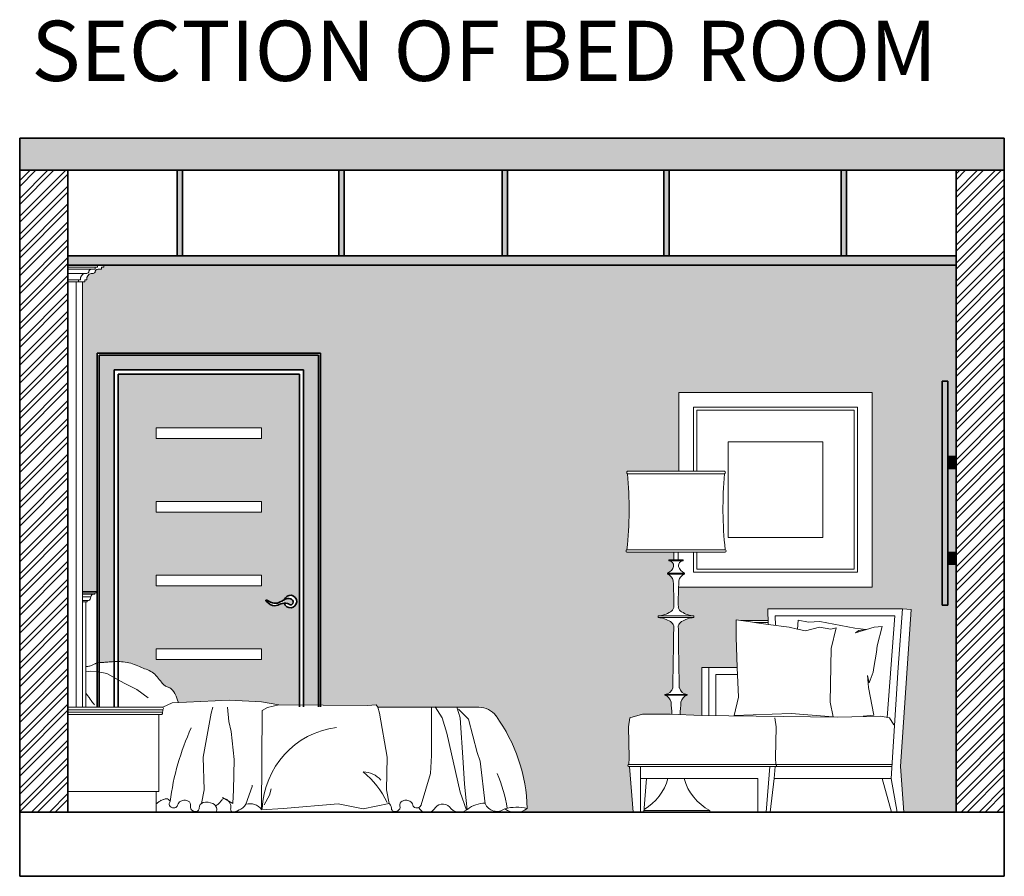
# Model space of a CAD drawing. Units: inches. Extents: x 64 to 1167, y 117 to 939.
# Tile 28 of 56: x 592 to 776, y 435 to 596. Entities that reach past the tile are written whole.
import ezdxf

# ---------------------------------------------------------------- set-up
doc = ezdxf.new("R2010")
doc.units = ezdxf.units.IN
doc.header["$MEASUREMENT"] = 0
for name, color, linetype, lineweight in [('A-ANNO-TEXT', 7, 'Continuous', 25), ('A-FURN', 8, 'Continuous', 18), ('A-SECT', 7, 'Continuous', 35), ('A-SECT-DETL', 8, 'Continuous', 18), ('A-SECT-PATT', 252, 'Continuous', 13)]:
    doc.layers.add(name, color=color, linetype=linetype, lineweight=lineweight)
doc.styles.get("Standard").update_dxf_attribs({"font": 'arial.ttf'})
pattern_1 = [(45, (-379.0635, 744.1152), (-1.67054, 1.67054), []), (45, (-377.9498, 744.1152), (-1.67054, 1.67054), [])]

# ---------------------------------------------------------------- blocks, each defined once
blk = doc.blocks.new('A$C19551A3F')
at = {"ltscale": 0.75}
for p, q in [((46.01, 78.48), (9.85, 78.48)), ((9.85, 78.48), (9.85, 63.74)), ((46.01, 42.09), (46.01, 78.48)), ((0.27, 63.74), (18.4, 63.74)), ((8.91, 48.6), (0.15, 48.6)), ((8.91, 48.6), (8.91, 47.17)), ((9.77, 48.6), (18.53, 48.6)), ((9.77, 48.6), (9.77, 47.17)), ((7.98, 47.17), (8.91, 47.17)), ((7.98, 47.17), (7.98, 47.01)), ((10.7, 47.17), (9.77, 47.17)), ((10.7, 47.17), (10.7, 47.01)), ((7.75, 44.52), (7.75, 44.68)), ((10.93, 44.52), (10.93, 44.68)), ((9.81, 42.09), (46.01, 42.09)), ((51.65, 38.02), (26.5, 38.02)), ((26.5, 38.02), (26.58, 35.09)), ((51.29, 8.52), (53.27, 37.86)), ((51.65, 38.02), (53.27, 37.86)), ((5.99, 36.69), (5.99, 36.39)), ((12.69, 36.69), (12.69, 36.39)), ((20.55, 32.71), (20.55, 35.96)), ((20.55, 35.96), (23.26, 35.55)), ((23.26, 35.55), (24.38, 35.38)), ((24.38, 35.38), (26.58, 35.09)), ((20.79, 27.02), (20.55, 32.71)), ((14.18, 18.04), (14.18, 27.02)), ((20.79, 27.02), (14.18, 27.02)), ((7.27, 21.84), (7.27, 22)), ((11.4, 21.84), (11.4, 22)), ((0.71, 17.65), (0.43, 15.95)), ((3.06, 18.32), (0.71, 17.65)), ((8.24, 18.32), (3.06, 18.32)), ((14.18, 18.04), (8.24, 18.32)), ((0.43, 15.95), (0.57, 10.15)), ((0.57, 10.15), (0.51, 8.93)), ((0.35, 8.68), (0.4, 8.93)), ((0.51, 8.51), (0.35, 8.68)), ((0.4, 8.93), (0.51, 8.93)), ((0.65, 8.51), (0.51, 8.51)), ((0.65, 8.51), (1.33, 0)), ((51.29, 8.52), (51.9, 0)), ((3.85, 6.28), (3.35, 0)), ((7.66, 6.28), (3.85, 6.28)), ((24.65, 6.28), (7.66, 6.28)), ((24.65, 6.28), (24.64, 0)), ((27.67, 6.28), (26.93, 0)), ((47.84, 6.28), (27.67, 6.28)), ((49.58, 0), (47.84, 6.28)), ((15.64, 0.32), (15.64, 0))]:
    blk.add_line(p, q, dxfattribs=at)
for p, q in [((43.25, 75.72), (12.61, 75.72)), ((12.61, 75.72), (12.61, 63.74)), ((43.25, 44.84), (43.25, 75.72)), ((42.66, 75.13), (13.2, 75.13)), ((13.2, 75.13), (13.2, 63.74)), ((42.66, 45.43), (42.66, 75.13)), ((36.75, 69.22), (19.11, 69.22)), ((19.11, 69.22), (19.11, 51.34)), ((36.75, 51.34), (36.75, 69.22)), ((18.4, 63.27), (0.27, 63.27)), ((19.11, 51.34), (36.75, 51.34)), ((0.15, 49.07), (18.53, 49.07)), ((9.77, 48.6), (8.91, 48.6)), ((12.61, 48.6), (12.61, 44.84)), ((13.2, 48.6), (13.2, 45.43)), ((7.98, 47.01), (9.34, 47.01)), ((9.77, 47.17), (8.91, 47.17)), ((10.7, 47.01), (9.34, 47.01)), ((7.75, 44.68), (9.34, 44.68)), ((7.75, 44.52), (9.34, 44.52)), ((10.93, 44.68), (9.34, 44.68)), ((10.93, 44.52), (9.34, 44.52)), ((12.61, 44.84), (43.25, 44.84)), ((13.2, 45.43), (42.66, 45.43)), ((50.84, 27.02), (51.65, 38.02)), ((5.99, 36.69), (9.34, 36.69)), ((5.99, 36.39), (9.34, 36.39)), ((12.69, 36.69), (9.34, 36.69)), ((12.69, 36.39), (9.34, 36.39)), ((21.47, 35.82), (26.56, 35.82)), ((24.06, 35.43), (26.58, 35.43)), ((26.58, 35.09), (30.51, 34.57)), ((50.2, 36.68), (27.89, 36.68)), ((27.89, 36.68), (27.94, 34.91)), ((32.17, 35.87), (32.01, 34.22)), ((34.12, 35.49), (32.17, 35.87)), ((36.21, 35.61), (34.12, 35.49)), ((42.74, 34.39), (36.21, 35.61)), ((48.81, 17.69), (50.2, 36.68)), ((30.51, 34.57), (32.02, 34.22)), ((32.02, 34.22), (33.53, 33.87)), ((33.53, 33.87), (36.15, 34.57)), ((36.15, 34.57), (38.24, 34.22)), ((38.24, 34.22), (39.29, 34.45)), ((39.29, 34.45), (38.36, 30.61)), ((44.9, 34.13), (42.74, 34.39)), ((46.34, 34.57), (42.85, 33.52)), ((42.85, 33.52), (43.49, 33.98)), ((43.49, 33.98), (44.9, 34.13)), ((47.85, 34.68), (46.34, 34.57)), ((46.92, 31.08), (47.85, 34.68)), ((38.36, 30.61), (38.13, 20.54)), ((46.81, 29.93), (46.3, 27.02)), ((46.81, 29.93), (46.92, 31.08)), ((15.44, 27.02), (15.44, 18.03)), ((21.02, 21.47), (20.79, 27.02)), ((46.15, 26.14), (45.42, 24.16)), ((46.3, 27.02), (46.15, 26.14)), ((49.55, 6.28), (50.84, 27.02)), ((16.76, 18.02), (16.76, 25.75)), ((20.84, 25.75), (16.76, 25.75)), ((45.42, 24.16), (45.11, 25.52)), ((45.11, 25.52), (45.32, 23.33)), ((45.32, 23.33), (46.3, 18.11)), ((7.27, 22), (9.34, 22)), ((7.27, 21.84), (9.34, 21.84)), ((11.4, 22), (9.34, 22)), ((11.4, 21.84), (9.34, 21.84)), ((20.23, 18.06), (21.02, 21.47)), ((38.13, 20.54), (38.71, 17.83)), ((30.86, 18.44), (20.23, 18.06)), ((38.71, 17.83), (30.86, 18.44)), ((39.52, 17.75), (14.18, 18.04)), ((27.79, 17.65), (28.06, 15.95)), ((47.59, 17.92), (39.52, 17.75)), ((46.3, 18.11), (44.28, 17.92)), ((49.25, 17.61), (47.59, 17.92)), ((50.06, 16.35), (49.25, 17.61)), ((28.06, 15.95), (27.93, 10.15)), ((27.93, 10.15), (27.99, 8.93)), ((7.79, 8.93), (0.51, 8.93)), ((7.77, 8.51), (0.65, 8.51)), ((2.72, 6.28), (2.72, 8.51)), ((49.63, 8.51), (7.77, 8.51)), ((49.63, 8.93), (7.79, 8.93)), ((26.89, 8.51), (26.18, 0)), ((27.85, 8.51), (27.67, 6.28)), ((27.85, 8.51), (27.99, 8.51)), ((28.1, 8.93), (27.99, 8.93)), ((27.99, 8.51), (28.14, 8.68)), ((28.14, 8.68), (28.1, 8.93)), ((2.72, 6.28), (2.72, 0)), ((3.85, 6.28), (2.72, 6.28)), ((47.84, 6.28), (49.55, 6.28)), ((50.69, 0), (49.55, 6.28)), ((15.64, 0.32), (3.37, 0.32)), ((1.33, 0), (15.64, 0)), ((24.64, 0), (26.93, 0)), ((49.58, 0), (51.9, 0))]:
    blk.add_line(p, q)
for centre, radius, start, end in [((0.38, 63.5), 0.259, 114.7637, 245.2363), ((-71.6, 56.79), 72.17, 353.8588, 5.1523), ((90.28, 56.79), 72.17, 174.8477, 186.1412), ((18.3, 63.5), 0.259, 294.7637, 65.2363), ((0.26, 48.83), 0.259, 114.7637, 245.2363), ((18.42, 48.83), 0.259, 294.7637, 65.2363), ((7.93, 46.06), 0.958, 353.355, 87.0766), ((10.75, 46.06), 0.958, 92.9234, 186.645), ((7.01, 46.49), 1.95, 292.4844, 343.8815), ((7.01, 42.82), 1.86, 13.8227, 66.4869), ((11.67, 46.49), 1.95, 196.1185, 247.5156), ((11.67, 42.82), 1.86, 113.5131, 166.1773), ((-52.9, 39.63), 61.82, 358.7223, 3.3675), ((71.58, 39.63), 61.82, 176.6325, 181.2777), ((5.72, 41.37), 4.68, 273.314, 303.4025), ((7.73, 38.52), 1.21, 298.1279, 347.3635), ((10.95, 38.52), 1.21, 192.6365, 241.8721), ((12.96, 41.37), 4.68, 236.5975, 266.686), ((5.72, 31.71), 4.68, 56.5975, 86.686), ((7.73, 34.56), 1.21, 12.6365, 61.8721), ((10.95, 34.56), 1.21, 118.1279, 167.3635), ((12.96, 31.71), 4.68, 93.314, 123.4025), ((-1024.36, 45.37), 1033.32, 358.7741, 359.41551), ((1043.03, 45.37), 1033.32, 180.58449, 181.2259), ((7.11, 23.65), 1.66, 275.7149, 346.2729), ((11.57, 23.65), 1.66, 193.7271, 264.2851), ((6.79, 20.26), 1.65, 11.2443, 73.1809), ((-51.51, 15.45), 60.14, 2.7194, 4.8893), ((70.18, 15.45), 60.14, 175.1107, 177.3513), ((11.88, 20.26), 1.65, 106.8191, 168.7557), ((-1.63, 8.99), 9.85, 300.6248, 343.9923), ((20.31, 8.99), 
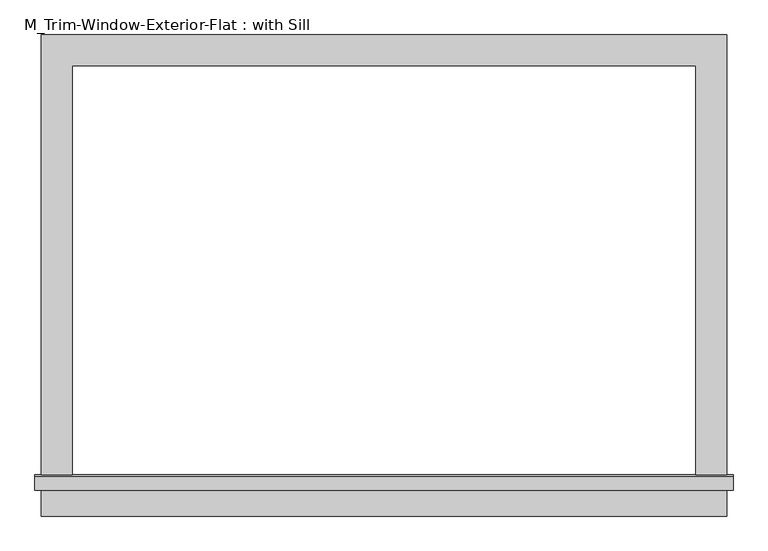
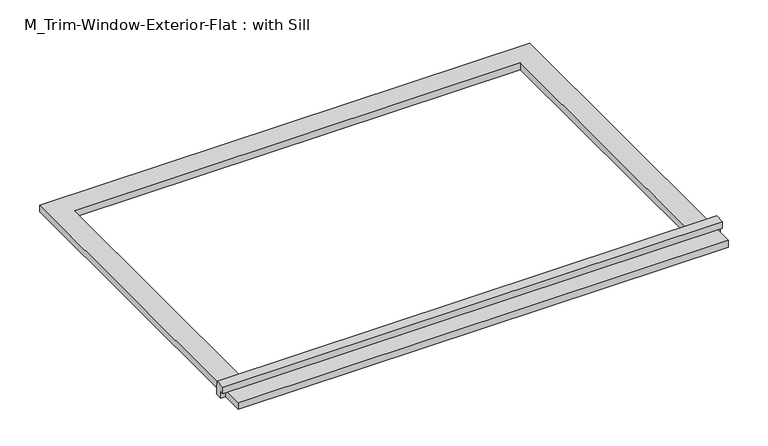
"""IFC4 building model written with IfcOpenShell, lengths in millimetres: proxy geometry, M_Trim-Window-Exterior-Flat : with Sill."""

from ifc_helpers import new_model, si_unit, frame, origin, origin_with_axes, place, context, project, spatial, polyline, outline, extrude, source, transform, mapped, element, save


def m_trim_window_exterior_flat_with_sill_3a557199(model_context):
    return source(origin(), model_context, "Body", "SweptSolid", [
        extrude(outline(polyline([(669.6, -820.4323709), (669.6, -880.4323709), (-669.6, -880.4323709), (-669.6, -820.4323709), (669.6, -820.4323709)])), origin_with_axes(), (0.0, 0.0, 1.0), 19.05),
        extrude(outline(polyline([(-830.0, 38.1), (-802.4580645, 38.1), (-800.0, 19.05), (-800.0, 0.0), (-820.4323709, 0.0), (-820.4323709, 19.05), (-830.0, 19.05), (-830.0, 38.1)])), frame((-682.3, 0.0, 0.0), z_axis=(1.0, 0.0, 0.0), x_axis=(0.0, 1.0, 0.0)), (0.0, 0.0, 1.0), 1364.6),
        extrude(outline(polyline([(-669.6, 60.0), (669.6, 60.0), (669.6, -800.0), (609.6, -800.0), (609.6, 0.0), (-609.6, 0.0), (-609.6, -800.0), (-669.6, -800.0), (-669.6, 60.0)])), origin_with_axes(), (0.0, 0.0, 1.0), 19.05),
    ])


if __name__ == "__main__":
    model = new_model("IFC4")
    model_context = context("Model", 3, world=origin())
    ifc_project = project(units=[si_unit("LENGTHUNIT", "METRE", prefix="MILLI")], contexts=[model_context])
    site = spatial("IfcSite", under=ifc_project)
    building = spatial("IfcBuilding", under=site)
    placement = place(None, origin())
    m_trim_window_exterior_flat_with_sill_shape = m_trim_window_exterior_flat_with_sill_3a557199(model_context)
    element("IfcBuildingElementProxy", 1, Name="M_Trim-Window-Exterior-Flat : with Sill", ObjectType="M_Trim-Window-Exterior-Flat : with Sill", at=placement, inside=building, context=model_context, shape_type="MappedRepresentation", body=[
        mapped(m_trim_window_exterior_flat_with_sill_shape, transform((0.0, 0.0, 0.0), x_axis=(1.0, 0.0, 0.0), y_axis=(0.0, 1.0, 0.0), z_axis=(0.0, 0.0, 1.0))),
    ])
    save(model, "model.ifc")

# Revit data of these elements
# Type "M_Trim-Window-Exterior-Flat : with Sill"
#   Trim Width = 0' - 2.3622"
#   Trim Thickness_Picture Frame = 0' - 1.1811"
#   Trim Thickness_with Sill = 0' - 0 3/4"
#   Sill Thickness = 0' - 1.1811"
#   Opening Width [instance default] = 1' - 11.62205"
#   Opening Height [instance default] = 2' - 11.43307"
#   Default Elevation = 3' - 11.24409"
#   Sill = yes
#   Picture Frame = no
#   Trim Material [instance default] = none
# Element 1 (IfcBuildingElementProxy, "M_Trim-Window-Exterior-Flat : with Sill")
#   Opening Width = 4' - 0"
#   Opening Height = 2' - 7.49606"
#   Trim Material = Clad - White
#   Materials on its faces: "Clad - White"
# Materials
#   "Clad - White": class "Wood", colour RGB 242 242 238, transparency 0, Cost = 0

• • •

- _EXERCISE AIM_: Please set down, with no changes, the line that contains "Trim Thickness_with Sill" and all the lines after it until the entries end; write nothing besides them.

- _OUTPUT BELOW_:
#   Trim Thickness_with Sill = 0' - 0 3/4"
#   Sill Thickness = 0' - 1.1811"
#   Opening Width [instance default] = 1' - 11.62205"
#   Opening Height [instance default] = 2' - 11.43307"
#   Default Elevation = 3' - 11.24409"
#   Sill = yes
#   Picture Frame = no
#   Trim Material [instance default] = none
# Element 1 (IfcBuildingElementProxy, "M_Trim-Window-Exterior-Flat : with Sill")
#   Opening Width = 4' - 0"
#   Opening Height = 2' - 7.49606"
#   Trim Material = Clad - White
#   Materials on its faces: "Clad - White"
# Materials
#   "Clad - White": class "Wood", colour RGB 242 242 238, transparency 0, Cost = 0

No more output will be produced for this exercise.